■ What you need to do
Print, exactly as they appear in the listing below, the lines from the line with "Opening Height [instance" to the line with "in Pilkington single", with both end lines kept.

┄┄┄┄┄┄┄┄┄┄

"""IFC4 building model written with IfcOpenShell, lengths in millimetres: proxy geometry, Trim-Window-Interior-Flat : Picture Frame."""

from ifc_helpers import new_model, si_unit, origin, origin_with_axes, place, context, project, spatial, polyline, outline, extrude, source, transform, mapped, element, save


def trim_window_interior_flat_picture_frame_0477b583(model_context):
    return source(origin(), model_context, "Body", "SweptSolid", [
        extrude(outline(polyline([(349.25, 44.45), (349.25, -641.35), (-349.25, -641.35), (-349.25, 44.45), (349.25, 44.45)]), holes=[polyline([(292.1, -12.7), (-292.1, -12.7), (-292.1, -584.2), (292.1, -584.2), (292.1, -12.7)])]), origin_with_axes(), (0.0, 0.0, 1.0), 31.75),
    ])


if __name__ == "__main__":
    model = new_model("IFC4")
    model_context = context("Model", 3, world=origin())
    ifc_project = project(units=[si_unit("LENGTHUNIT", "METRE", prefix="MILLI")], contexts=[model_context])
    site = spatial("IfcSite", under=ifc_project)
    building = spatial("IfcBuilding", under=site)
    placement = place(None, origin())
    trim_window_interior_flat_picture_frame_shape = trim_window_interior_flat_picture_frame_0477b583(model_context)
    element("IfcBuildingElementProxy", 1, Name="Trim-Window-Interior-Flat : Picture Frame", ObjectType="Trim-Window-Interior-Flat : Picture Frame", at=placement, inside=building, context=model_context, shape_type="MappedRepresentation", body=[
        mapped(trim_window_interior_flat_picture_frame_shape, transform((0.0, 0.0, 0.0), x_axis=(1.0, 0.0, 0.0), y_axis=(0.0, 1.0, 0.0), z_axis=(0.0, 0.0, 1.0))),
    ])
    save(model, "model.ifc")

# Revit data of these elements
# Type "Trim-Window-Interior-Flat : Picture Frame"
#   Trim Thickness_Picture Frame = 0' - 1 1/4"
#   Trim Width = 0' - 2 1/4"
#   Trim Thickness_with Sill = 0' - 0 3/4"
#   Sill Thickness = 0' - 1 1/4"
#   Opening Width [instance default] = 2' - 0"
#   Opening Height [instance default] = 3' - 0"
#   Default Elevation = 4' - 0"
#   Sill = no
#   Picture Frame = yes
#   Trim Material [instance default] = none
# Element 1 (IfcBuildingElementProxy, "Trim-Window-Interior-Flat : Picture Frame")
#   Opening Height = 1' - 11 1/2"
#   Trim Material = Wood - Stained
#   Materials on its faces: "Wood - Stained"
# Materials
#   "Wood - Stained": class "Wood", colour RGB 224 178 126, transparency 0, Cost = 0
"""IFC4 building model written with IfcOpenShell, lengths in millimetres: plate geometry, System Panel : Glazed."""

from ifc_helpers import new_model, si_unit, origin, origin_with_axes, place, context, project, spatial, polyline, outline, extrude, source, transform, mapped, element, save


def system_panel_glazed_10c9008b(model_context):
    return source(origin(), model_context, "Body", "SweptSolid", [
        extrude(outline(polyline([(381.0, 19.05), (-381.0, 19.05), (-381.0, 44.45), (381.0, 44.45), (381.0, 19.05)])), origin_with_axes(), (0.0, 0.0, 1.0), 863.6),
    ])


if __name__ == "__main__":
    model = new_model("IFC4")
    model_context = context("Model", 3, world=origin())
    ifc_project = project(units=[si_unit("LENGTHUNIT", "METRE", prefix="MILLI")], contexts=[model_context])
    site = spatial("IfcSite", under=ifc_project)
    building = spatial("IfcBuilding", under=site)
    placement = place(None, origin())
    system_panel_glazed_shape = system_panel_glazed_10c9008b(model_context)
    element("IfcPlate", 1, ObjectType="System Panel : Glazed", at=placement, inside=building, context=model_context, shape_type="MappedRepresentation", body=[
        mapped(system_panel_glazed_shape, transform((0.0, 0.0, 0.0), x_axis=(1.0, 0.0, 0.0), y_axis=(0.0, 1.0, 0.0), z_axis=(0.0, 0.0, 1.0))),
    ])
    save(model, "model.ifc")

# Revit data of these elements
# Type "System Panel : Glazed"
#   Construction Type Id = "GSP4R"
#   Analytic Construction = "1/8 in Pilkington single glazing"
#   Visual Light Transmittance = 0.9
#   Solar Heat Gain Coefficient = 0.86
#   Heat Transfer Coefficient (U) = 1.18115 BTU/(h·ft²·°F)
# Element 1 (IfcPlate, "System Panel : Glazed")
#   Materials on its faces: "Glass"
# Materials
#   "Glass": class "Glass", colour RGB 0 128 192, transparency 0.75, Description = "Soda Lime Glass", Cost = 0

┄┄┄┄┄┄┄┄┄┄

■ Solution to this task
#   Opening Height [instance default] = 3' - 0"
#   Default Elevation = 4' - 0"
#   Sill = no
#   Picture Frame = yes
#   Trim Material [instance default] = none
# Element 1 (IfcBuildingElementProxy, "Trim-Window-Interior-Flat : Picture Frame")
#   Opening Height = 1' - 11 1/2"
#   Trim Material = Wood - Stained
#   Materials on its faces: "Wood - Stained"
# Materials
#   "Wood - Stained": class "Wood", colour RGB 224 178 126, transparency 0, Cost = 0
"""IFC4 building model written with IfcOpenShell, lengths in millimetres: plate geometry, System Panel : Glazed."""

from ifc_helpers import new_model, si_unit, origin, origin_with_axes, place, context, project, spatial, polyline, outline, extrude, source, transform, mapped, element, save


def system_panel_glazed_10c9008b(model_context):
    return source(origin(), model_context, "Body", "SweptSolid", [
        extrude(outline(polyline([(381.0, 19.05), (-381.0, 19.05), (-381.0, 44.45), (381.0, 44.45), (381.0, 19.05)])), origin_with_axes(), (0.0, 0.0, 1.0), 863.6),
    ])


if __name__ == "__main__":
    model = new_model("IFC4")
    model_context = context("Model", 3, world=origin())
    ifc_project = project(units=[si_unit("LENGTHUNIT", "METRE", prefix="MILLI")], contexts=[model_context])
    site = spatial("IfcSite", under=ifc_project)
    building = spatial("IfcBuilding", under=site)
    placement = place(None, origin())
    system_panel_glazed_shape = system_panel_glazed_10c9008b(model_context)
    element("IfcPlate", 1, ObjectType="System Panel : Glazed", at=placement, inside=building, context=model_context, shape_type="MappedRepresentation", body=[
        mapped(system_panel_glazed_shape, transform((0.0, 0.0, 0.0), x_axis=(1.0, 0.0, 0.0), y_axis=(0.0, 1.0, 0.0), z_axis=(0.0, 0.0, 1.0))),
    ])
    save(model, "model.ifc")

# Revit data of these elements
# Type "System Panel : Glazed"
#   Construction Type Id = "GSP4R"
#   Analytic Construction = "1/8 in Pilkington single glazing"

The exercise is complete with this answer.